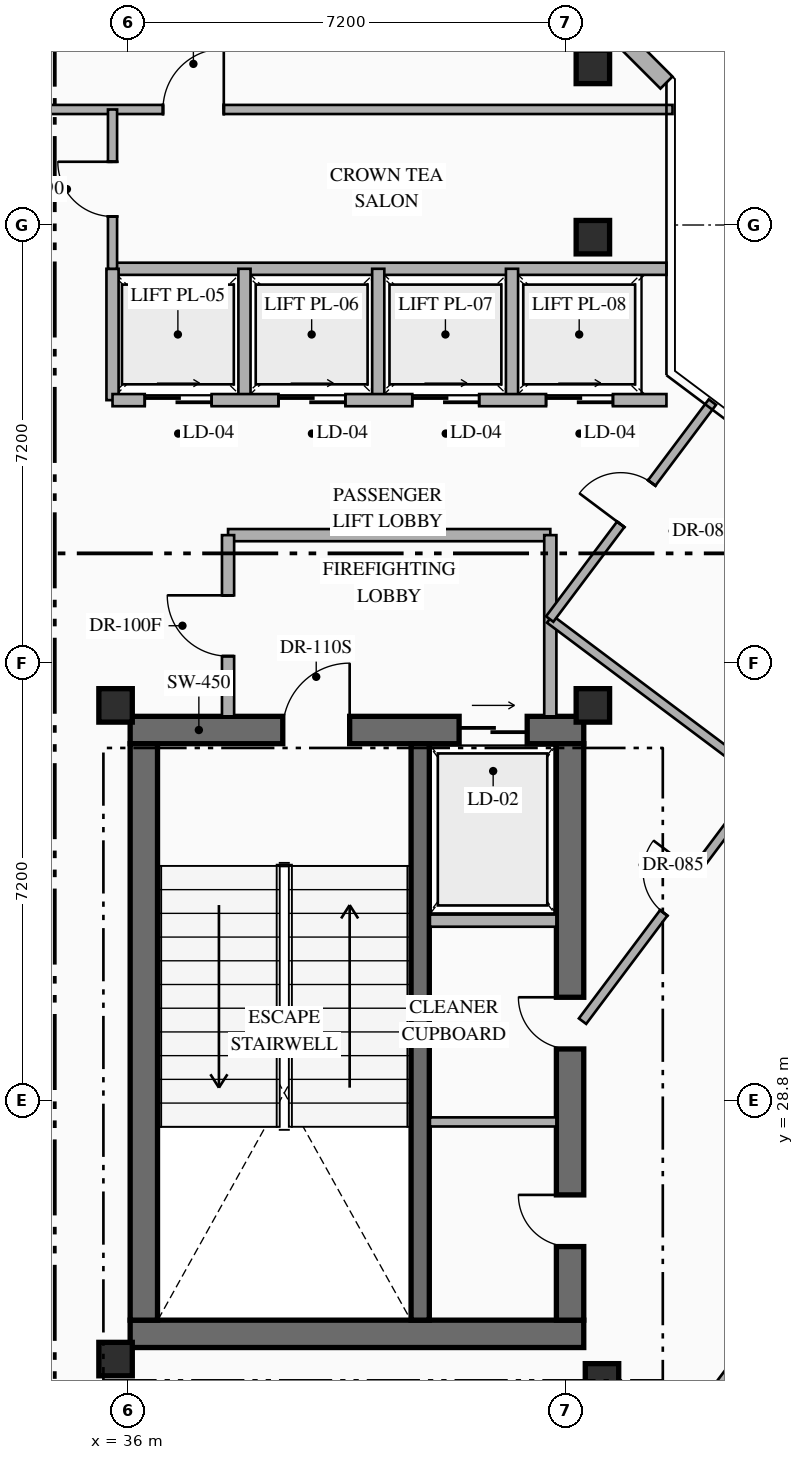
"""IFC4 building model, lengths in metres.
Left out: names, types, materials, properties, quantities, classifications, styles, units other than length and angle.
Written with IfcOpenShell. Run it as: python <this file> out.ifc"""

import sys

from ifc_helpers import new_model, si_unit, direction, frame, frame_2d, origin, origin_2d, place, context, subcontext, project, spatial, rectangle, hollow_rectangle, extrude, element, fill, save


model = new_model("IFC4")
c1 = context("Model", 3, precision=1e-05, world=origin(), true_north=direction((0.0, 1.0)))
c2 = subcontext(c1, "Body", "Model", "MODEL_VIEW")
j1 = project(units=[si_unit("LENGTHUNIT", "METRE"), si_unit("PLANEANGLEUNIT", "RADIAN")], contexts=[c1])
p1 = place(None, origin())
s1 = spatial("IfcSite", under=j1, at=p1, CompositionType="ELEMENT")
p2 = place(p1, origin())
s2 = spatial("IfcBuilding", under=s1, at=p2, CompositionType="ELEMENT")
p3 = place(p2, frame((0.0, 0.0, 281.95)))
s3 = spatial("IfcBuildingStorey", under=s2, at=p3, CompositionType="ELEMENT", Elevation=281.95)
p4 = place(p3, frame((36.04, 24.965, 0.0), z_axis=(0.0, 0.0, 1.0), x_axis=(1.0, 0.0, 0.0)))
e1 = element("IfcWall", 1, at=p4, inside=s3, PredefinedType="SHEAR", context=c2, shape_type="SweptSolid", body=[
    extrude(rectangle(XDim=7.46, YDim=0.45, at=frame_2d((3.73, 0.0))), origin(), (0.0, 0.0, 1.0), 4.0),
])
p5 = place(p3, frame((36.04, 34.895, 0.0), z_axis=(0.0, 0.0, 1.0), x_axis=(1.0, 0.0, 0.0)))
e2 = element("IfcWall", 2, at=p5, inside=s3, PredefinedType="SHEAR", context=c2, shape_type="SweptSolid", body=[
    extrude(rectangle(XDim=7.46, YDim=0.45, at=frame_2d((3.73, 0.0))), origin(), (0.0, 0.0, 1.0), 4.0),
])
p6 = place(p5, frame((2.51, 0.0, 0.0)))
e3 = element("IfcOpeningElement", 3, at=p6, cuts=e2, PredefinedType="OPENING", context=c2, shape_type="SweptSolid", body=[
    extrude(rectangle(XDim=1.1, YDim=2.2, at=frame_2d((0.55, 1.1))), frame((0.0, 0.235, 0.0), z_axis=(0.0, -1.0, 0.0), x_axis=(1.0, 0.0, 0.0)), (0.0, 0.0, 1.0), 0.47),
])
p7 = place(p5, frame((5.41, 0.0, 0.0)))
e4 = element("IfcOpeningElement", 4, at=p7, cuts=e2, PredefinedType="OPENING", context=c2, shape_type="SweptSolid", body=[
    extrude(rectangle(XDim=1.12, YDim=2.15, at=frame_2d((0.56, 1.075))), frame((0.0, 0.235, 0.0), z_axis=(0.0, -1.0, 0.0), x_axis=(1.0, 0.0, 0.0)), (0.0, 0.0, 1.0), 0.47),
])
p8 = place(p3, frame((36.265, 25.19, 0.0), z_axis=(0.0, 0.0, 1.0), x_axis=(0.0, 1.0, 0.0)))
e5 = element("IfcWall", 5, at=p8, inside=s3, PredefinedType="SHEAR", context=c2, shape_type="SweptSolid", body=[
    extrude(rectangle(XDim=9.48, YDim=0.45, at=frame_2d((4.74, 0.0))), origin(), (0.0, 0.0, 1.0), 4.0),
])
p9 = place(p3, frame((43.275, 25.19, 0.0), z_axis=(0.0, 0.0, 1.0), x_axis=(0.0, 1.0, 0.0)))
e6 = element("IfcWall", 6, at=p9, inside=s3, PredefinedType="SHEAR", context=c2, shape_type="SweptSolid", body=[
    extrude(rectangle(XDim=9.48, YDim=0.45, at=frame_2d((4.74, 0.0))), origin(), (0.0, 0.0, 1.0), 4.0),
])
p10 = place(p9, frame((1.21, 0.0, 0.0)))
e7 = element("IfcOpeningElement", 7, at=p10, cuts=e6, PredefinedType="OPENING", context=c2, shape_type="SweptSolid", body=[
    extrude(rectangle(XDim=0.85, YDim=2.08, at=frame_2d((0.425, 1.04))), frame((0.0, 0.235, 0.0), z_axis=(0.0, -1.0, 0.0), x_axis=(1.0, 0.0, 0.0)), (0.0, 0.0, 1.0), 0.47),
])
p11 = place(p9, frame((4.46, 0.0, 0.0)))
e8 = element("IfcOpeningElement", 8, at=p11, cuts=e6, PredefinedType="OPENING", context=c2, shape_type="SweptSolid", body=[
    extrude(rectangle(XDim=0.85, YDim=2.08, at=frame_2d((0.425, 1.04))), frame((0.0, 0.235, 0.0), z_axis=(0.0, -1.0, 0.0), x_axis=(1.0, 0.0, 0.0)), (0.0, 0.0, 1.0), 0.47),
])
p12 = place(p3, frame((40.81, 25.19, 0.0), z_axis=(0.0, 0.0, 1.0), x_axis=(0.0, 1.0, 0.0)))
e9 = element("IfcWall", 9, at=p12, inside=s3, PredefinedType="SHEAR", context=c2, shape_type="SweptSolid", body=[
    extrude(rectangle(XDim=9.48, YDim=0.3, at=frame_2d((4.74, 0.0))), origin(), (0.0, 0.0, 1.0), 4.0),
])
for number, where, z_axis, x_axis in (
    (10, (35.8, 24.55, 0.0), (0.0, 0.0, 1.0), (1.0, 0.0, 0.0)),
    (11, (43.8, 24.2, 0.0), (0.0, 0.0, 1.0), (1.0, 0.0, 0.0)),
    (12, (35.8, 35.3, 0.0), (0.0, 0.0, 1.0), (1.0, 0.0, 0.0)),
    (13, (43.65, 35.3, 0.0), (0.0, 0.0, 1.0), (1.0, 0.0, 0.0)),
    (14, (43.65, 43.0, 0.0), (0.0, 0.0, 1.0), (1.0, 0.0, 0.0)),
    (15, (43.65, 45.8, 0.0), (0.0, 0.0, 1.0), (1.0, 0.0, 0.0)),
):
    element("IfcColumn", number, at=place(p3, frame(where, z_axis=z_axis, x_axis=x_axis)), inside=s3, PredefinedType="COLUMN", context=c2, shape_type="SweptSolid", body=[
        extrude(hollow_rectangle(XDim=0.55, YDim=0.55, WallThickness=0.022, at=origin_2d()), origin(), (0.0, 0.0, 1.0), 4.0),
    ])
p13 = place(p3, frame((52.053, 32.438, 0.0), z_axis=(0.0, 0.0, 1.0), x_axis=(-0.599970072971, -0.800022444397, 0.0)))
e16 = element("IfcWall", 16, at=p13, inside=s3, PredefinedType="STANDARD", context=c2, shape_type="SweptSolid", body=[
    extrude(rectangle(XDim=20.885, YDim=0.28, at=frame_2d((10.442, 0.0))), origin(), (0.0, 0.0, 1.0), 3.75),
])
p14 = place(p13, frame((14.734, 0.0, 0.0)))
e17 = element("IfcOpeningElement", 17, at=p14, cuts=e16, PredefinedType="OPENING", context=c2, shape_type="SweptSolid", body=[
    extrude(rectangle(XDim=1.1, YDim=2.2, at=frame_2d((0.55, 1.1))), frame((0.0, 0.15, 0.0), z_axis=(0.0, -1.0, 0.0), x_axis=(1.0, 0.0, 0.0)), (0.0, 0.0, 1.0), 0.3),
])
p15 = place(p13, frame((6.842, 0.0, 0.0)))
e18 = element("IfcOpeningElement", 18, at=p15, cuts=e16, PredefinedType="OPENING", context=c2, shape_type="SweptSolid", body=[
    extrude(rectangle(XDim=1.1, YDim=2.2, at=frame_2d((0.55, 1.1))), frame((0.0, 0.15, 0.0), z_axis=(0.0, -1.0, 0.0), x_axis=(1.0, 0.0, 0.0)), (0.0, 0.0, 1.0), 0.3),
])
p16 = place(p13, frame((3.962, 0.0, 0.75)))
e19 = element("IfcOpeningElement", 19, at=p16, cuts=e16, PredefinedType="OPENING", context=c2, shape_type="SweptSolid", body=[
    extrude(rectangle(XDim=2.2, YDim=2.2, at=frame_2d((1.1, 1.1))), frame((0.0, 0.15, 0.0), z_axis=(0.0, -1.0, 0.0), x_axis=(1.0, 0.0, 0.0)), (0.0, 0.0, 1.0), 0.3),
])
p17 = place(p3, frame((42.542, 47.86, 0.0), z_axis=(0.0, 0.0, 1.0), x_axis=(0.707106781187, -0.707106781187, 0.0)))
e20 = element("IfcWall", 20, at=p17, inside=s3, PredefinedType="STANDARD", context=c2, shape_type="SweptSolid", body=[
    extrude(rectangle(XDim=3.278, YDim=0.28, at=frame_2d((1.639, 0.0))), origin(), (0.0, 0.0, 1.0), 3.75),
])
p18 = place(p3, frame((40.97, 31.76, 0.0), z_axis=(0.0, 0.0, 1.0), x_axis=(1.0, 0.0, 0.0)))
e21 = element("IfcWall", 21, at=p18, inside=s3, PredefinedType="STANDARD", context=c2, shape_type="SweptSolid", body=[
    extrude(rectangle(XDim=2.08, YDim=0.2, at=frame_2d((1.04, 0.0))), origin(), (0.0, 0.0, 1.0), 3.75),
])
p19 = place(p3, frame((40.97, 28.45, 0.0), z_axis=(0.0, 0.0, 1.0), x_axis=(1.0, 0.0, 0.0)))
e22 = element("IfcWall", 22, at=p19, inside=s3, PredefinedType="PARTITIONING", context=c2, shape_type="SweptSolid", body=[
    extrude(rectangle(XDim=2.08, YDim=0.15, at=frame_2d((1.04, 0.0))), origin(), (0.0, 0.0, 1.0), 3.75),
])
p20 = place(p3, frame((37.65, 38.1, 0.0), z_axis=(0.0, 0.0, 1.0), x_axis=(1.0, 0.0, 0.0)))
e23 = element("IfcWall", 23, at=p20, inside=s3, PredefinedType="STANDARD", context=c2, shape_type="SweptSolid", body=[
    extrude(rectangle(XDim=5.3, YDim=0.2, at=frame_2d((2.65, 0.0))), origin(), (0.0, 0.0, 1.0), 3.75),
])
p21 = place(p3, frame((42.95, 35.12, 0.0), z_axis=(0.0, 0.0, 1.0), x_axis=(0.0, 1.0, 0.0)))
e24 = element("IfcWall", 24, at=p21, inside=s3, PredefinedType="STANDARD", context=c2, shape_type="SweptSolid", body=[
    extrude(rectangle(XDim=2.98, YDim=0.2, at=frame_2d((1.49, 0.0))), origin(), (0.0, 0.0, 1.0), 3.75),
])
p22 = place(p3, frame((37.65, 35.12, 0.0), z_axis=(0.0, 0.0, 1.0), x_axis=(0.0, 1.0, 0.0)))
e25 = element("IfcWall", 25, at=p22, inside=s3, PredefinedType="STANDARD", context=c2, shape_type="SweptSolid", body=[
    extrude(rectangle(XDim=2.98, YDim=0.2, at=frame_2d((1.49, 0.0))), origin(), (0.0, 0.0, 1.0), 3.75),
])
p23 = place(p22, frame((0.99, 0.0, 0.0)))
e26 = element("IfcOpeningElement", 26, at=p23, cuts=e25, PredefinedType="OPENING", context=c2, shape_type="SweptSolid", body=[
    extrude(rectangle(XDim=1.0, YDim=2.2, at=frame_2d((0.5, 1.1))), frame((0.0, 0.11, 0.0), z_axis=(0.0, -1.0, 0.0), x_axis=(1.0, 0.0, 0.0)), (0.0, 0.0, 1.0), 0.22),
])
p24 = place(p3, frame((35.75, 42.48, 0.0), z_axis=(0.0, 0.0, 1.0), x_axis=(1.0, 0.0, 0.0)))
e27 = element("IfcWall", 27, at=p24, inside=s3, PredefinedType="STANDARD", context=c2, shape_type="SweptSolid", body=[
    extrude(rectangle(XDim=9.11, YDim=0.2, at=frame_2d((4.555, 0.0))), origin(), (0.0, 0.0, 1.0), 3.75),
])
for number, where, z_axis, x_axis in (
    (28, (35.75, 40.32, 0.0), (0.0, 0.0, 1.0), (0.0, 1.0, 0.0)),
    (29, (37.92, 40.32, 0.0), (0.0, 0.0, 1.0), (0.0, 1.0, 0.0)),
    (30, (40.12, 40.32, 0.0), (0.0, 0.0, 1.0), (0.0, 1.0, 0.0)),
    (31, (42.32, 40.32, 0.0), (0.0, 0.0, 1.0), (0.0, 1.0, 0.0)),
):
    element("IfcWall", number, at=place(p3, frame(where, z_axis=z_axis, x_axis=x_axis)), inside=s3, PredefinedType="STANDARD", context=c2, shape_type="SweptSolid", body=[
        extrude(rectangle(XDim=2.16, YDim=0.2, at=frame_2d((1.08, 0.0))), origin(), (0.0, 0.0, 1.0), 3.75),
    ])
p25 = place(p3, frame((35.75, 40.32, 0.0), z_axis=(0.0, 0.0, 1.0), x_axis=(1.0, 0.0, 0.0)))
e32 = element("IfcWall", 32, at=p25, inside=s3, PredefinedType="STANDARD", context=c2, shape_type="SweptSolid", body=[
    extrude(rectangle(XDim=9.11, YDim=0.2, at=frame_2d((4.555, 0.0))), origin(), (0.0, 0.0, 1.0), 3.75),
])
p26 = place(p25, frame((0.53, 0.0, 0.0)))
e33 = element("IfcOpeningElement", 33, at=p26, cuts=e32, PredefinedType="OPENING", context=c2, shape_type="SweptSolid", body=[
    extrude(rectangle(XDim=1.1, YDim=2.18, at=frame_2d((0.55, 1.09))), frame((0.0, 0.11, 0.0), z_axis=(0.0, -1.0, 0.0), x_axis=(1.0, 0.0, 0.0)), (0.0, 0.0, 1.0), 0.22),
])
p27 = place(p25, frame((2.73, 0.0, 0.0)))
e34 = element("IfcOpeningElement", 34, at=p27, cuts=e32, PredefinedType="OPENING", context=c2, shape_type="SweptSolid", body=[
    extrude(rectangle(XDim=1.1, YDim=2.18, at=frame_2d((0.55, 1.09))), frame((0.0, 0.11, 0.0), z_axis=(0.0, -1.0, 0.0), x_axis=(1.0, 0.0, 0.0)), (0.0, 0.0, 1.0), 0.22),
])
p28 = place(p25, frame((4.93, 0.0, 0.0)))
e35 = element("IfcOpeningElement", 35, at=p28, cuts=e32, PredefinedType="OPENING", context=c2, shape_type="SweptSolid", body=[
    extrude(rectangle(XDim=1.1, YDim=2.18, at=frame_2d((0.55, 1.09))), frame((0.0, 0.11, 0.0), z_axis=(0.0, -1.0, 0.0), x_axis=(1.0, 0.0, 0.0)), (0.0, 0.0, 1.0), 0.22),
])
p29 = place(p25, frame((7.13, 0.0, 0.0)))
e36 = element("IfcOpeningElement", 36, at=p29, cuts=e32, PredefinedType="OPENING", context=c2, shape_type="SweptSolid", body=[
    extrude(rectangle(XDim=1.1, YDim=2.18, at=frame_2d((0.55, 1.09))), frame((0.0, 0.11, 0.0), z_axis=(0.0, -1.0, 0.0), x_axis=(1.0, 0.0, 0.0)), (0.0, 0.0, 1.0), 0.22),
])
p30 = place(p3, frame((23.2, 45.1, 0.0), z_axis=(0.0, 0.0, 1.0), x_axis=(1.0, 0.0, 0.0)))
e37 = element("IfcWall", 37, at=p30, inside=s3, PredefinedType="PARTITIONING", context=c2, shape_type="SweptSolid", body=[
    extrude(rectangle(XDim=21.76, YDim=0.15, at=frame_2d((10.88, 0.0))), origin(), (0.0, 0.0, 1.0), 3.75),
])
p31 = place(p30, frame((13.38, 0.0, 0.0)))
e38 = element("IfcOpeningElement", 38, at=p31, cuts=e37, PredefinedType="OPENING", context=c2, shape_type="SweptSolid", body=[
    extrude(rectangle(XDim=1.0, YDim=2.15, at=frame_2d((0.5, 1.075))), frame((0.0, 0.085, 0.0), z_axis=(0.0, -1.0, 0.0), x_axis=(1.0, 0.0, 0.0)), (0.0, 0.0, 1.0), 0.17),
])
p32 = place(p3, frame((35.75, 42.48, 0.0), z_axis=(0.0, 0.0, 1.0), x_axis=(0.0, 1.0, 0.0)))
e39 = element("IfcWall", 39, at=p32, inside=s3, PredefinedType="PARTITIONING", context=c2, shape_type="SweptSolid", body=[
    extrude(rectangle(XDim=2.62, YDim=0.15, at=frame_2d((1.31, 0.0))), origin(), (0.0, 0.0, 1.0), 3.75),
])
p33 = place(p32, frame((0.86, 0.0, 0.0)))
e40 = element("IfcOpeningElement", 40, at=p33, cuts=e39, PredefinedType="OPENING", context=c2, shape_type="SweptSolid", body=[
• • • • •
▶ [Assignment]
Read the data above and pull out each line that holds the string "spatial".

▶ [Task result]
from ifc_helpers import new_model, si_unit, direction, frame, frame_2d, origin, origin_2d, place, context, subcontext, project, spatial, rectangle, hollow_rectangle, extrude, element, fill, save
s1 = spatial("IfcSite", under=j1, at=p1, CompositionType="ELEMENT")
s2 = spatial("IfcBuilding", under=s1, at=p2, CompositionType="ELEMENT")
s3 = spatial("IfcBuildingStorey", under=s2, at=p3, CompositionType="ELEMENT", Elevation=281.95)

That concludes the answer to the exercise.